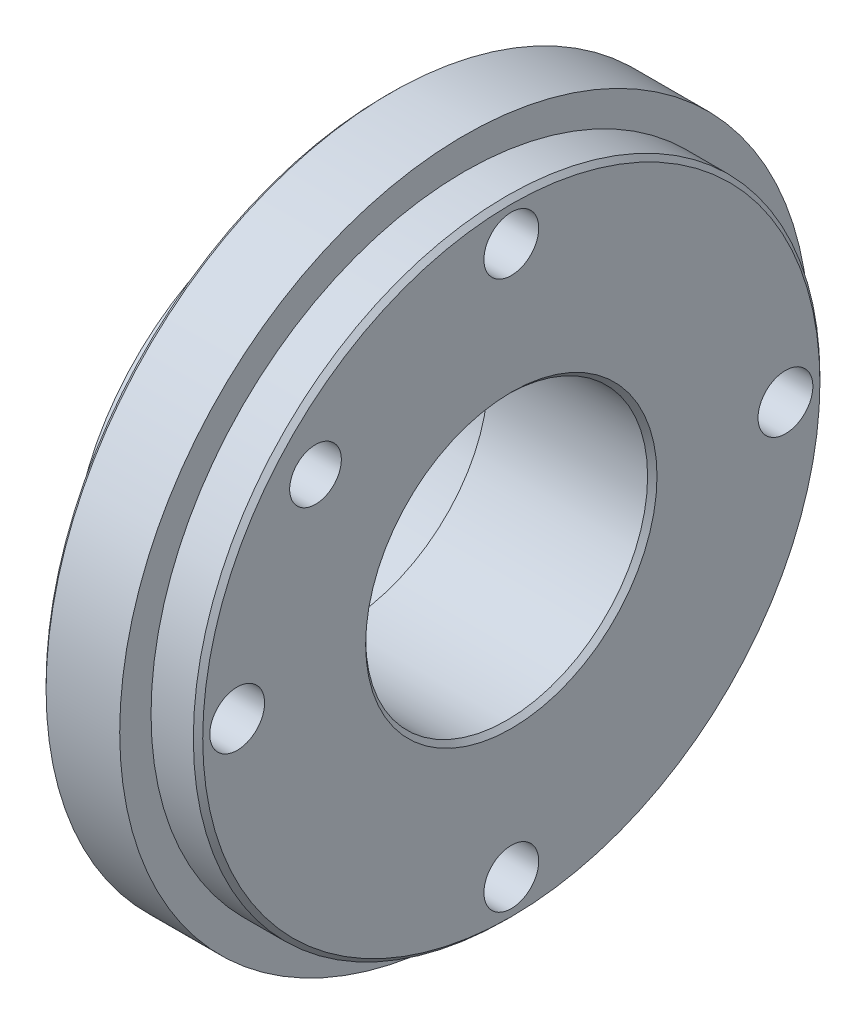
SolidWorks part; units mm, degrees
ref_plane "Front Plane" through (0, 0, 0) normal (0, 0, 1) x (1, 0, 0)
ref_plane "Top Plane" through (0, 0, 0) normal (0, 1, 0) x (1, 0, 0)
ref_plane "Right Plane" through (0, 0, 0) normal (1, 0, 0) x (0, 0, -1)
sketch "Sketch1" plane through (0, 0, 0) normal (0, 0, 1) x (1, 0, 0)
  line L0 (0, 0) -> (32.0465, 0) construction
  line L1 (0, 9) -> (0, 14)
  line L2 (0, 14) -> (15, 14)
  line L3 (15, 14) -> (15, 22)
  line L4 (15, 22) -> (20, 22)
  line L5 (20, 22) -> (20, 9)
  line L8 (0, 9) -> (20, 9)
  point P6 (0, 0)
  dimension "D1" = 9
  dimension "D2" = 14
  dimension "D3" = 22
  dimension "D4" = 5
  dimension "D5" = 15
revolve "Revolve1" add sketch "Sketch1" angle 360 about L0
sketch "Sketch3" plane through (0, 0, 0) normal (0, 0, 1) x (1, 0, 0)
  line L0 (9.6133, 17.5629) -> (8.3867, -17.5629)
  line L1 (8.3867, -17.5629) -> (-5.4157, -17.5629)
  line L2 (-5.4157, -17.5629) -> (-5.4157, 17.5629)
  line L3 (-5.4157, 17.5629) -> (9.6133, 17.5629)
  line L4 (15, 14) -> (15, -14) construction
  line L5 (9, 0) -> (15, 0) construction
  line L6 (15, 22) -> (15, -22) construction
  dimension "D1" = 2
  dimension "D2" = 6
extrude "Cut-Extrude1" cut sketch "Sketch3" against normal mid plane 30
sketch "Sketch4" plane through (8.989, -0.3139, 0) normal (-0.9994, 0.0349, 0) x (0, 0, 1)
  circle A0 centre (0, 0) radius 10.25
  dimension "D1" = 20.5
extrude "Cut-Extrude2" cut sketch "Sketch4" against normal blind 3.5
sketch "Sketch5" plane through (15, 0, 0) normal (-1, 0, 0) x (0, 0, 1)
  line L0 (0, 0) -> (17.5, 0) construction
  line L1 (0, 0) -> (0, 17.5) construction
  line L2 (-17.5, 0) -> (0, 0) construction
  line L3 (0, 0) -> (17.5, 0) construction
  line L4 (0, 0) -> (0, -17.5) construction
  line L5 (0, 0) -> (0, 17.5) construction
  circle A0 centre (0, 0) radius 17.5 construction
  circle A1 centre (-17.5, 0) radius 1.75
  circle A2 centre (0, 17.5) radius 1.75
  circle A3 centre (17.5, 0) radius 1.75
  circle A4 centre (0, -17.5) radius 1.75
  dimension "D1" = 35
  dimension "D2" = 3.5
  dimension "D3" = 90
  dimension "D4" = 0
extrude "Cut-Extrude3" cut sketch "Sketch5" against normal up to surface (5 mm away) up to face at (20, 0, 22)
sketch "Sketch7" plane through (20, 0, 0) normal (1, 0, 0) x (0, 0, -1)
  circle A0 centre (0, 0) radius 20
  circle A1 centre (17.5, 0) radius 1.75 construction
  circle A2 centre (0, -17.5) radius 1.75 construction
  circle A3 centre (-17.5, 0) radius 1.75 construction
  circle A4 centre (0, 17.5) radius 1.75 construction
  circle A5 centre (17.5, 0) radius 1.75
  circle A6 centre (0, -17.5) radius 1.75
  circle A7 centre (-17.5, 0) radius 1.75
  circle A8 centre (0, 17.5) radius 1.75
  circle A9 centre (0, 0) radius 9 construction
  circle A10 centre (0, 0) radius 9
  dimension "D1" = 40
extrude "Boss-Extrude1" add sketch "Sketch7" along normal blind 3
sketch "Sketch10" plane through (23, 0, 0) normal (1, 0, 0) x (0, 0, -1)
  line L0 (0, 0) -> (0, 11) construction
  line L1 (0, 11) -> (-12.5, 11) construction
  circle A0 centre (-12.5, 11) radius 1.65
  dimension "D3" = 3.3
  dimension "D1" = 11
  dimension "D2" = 12.5
extrude "Cut-Extrude5" cut sketch "Sketch10" against normal up to next
cosmetic thread "Cosmetic Thread2" parameters "D2"=4
chamfer "Chamfer1" distance 0.3 angle 45 2 edges at (23, 0, -20) (15, 0, 22)
chamfer "Chamfer2" distance 0.3 angle 45 1 edges at (23, 0, -9)

= = = = = = =

Output should match, line for line, the stretch of the material above from the line holding "circle A0 centre (0, 0) radius 20" through the line holding "circle A9 centre".

  circle A0 centre (0, 0) radius 20
  circle A1 centre (17.5, 0) radius 1.75 construction
  circle A2 centre (0, -17.5) radius 1.75 construction
  circle A3 centre (-17.5, 0) radius 1.75 construction
  circle A4 centre (0, 17.5) radius 1.75 construction
  circle A5 centre (17.5, 0) radius 1.75
  circle A6 centre (0, -17.5) radius 1.75
  circle A7 centre (-17.5, 0) radius 1.75
  circle A8 centre (0, 17.5) radius 1.75
  circle A9 centre (0, 0) radius 9 construction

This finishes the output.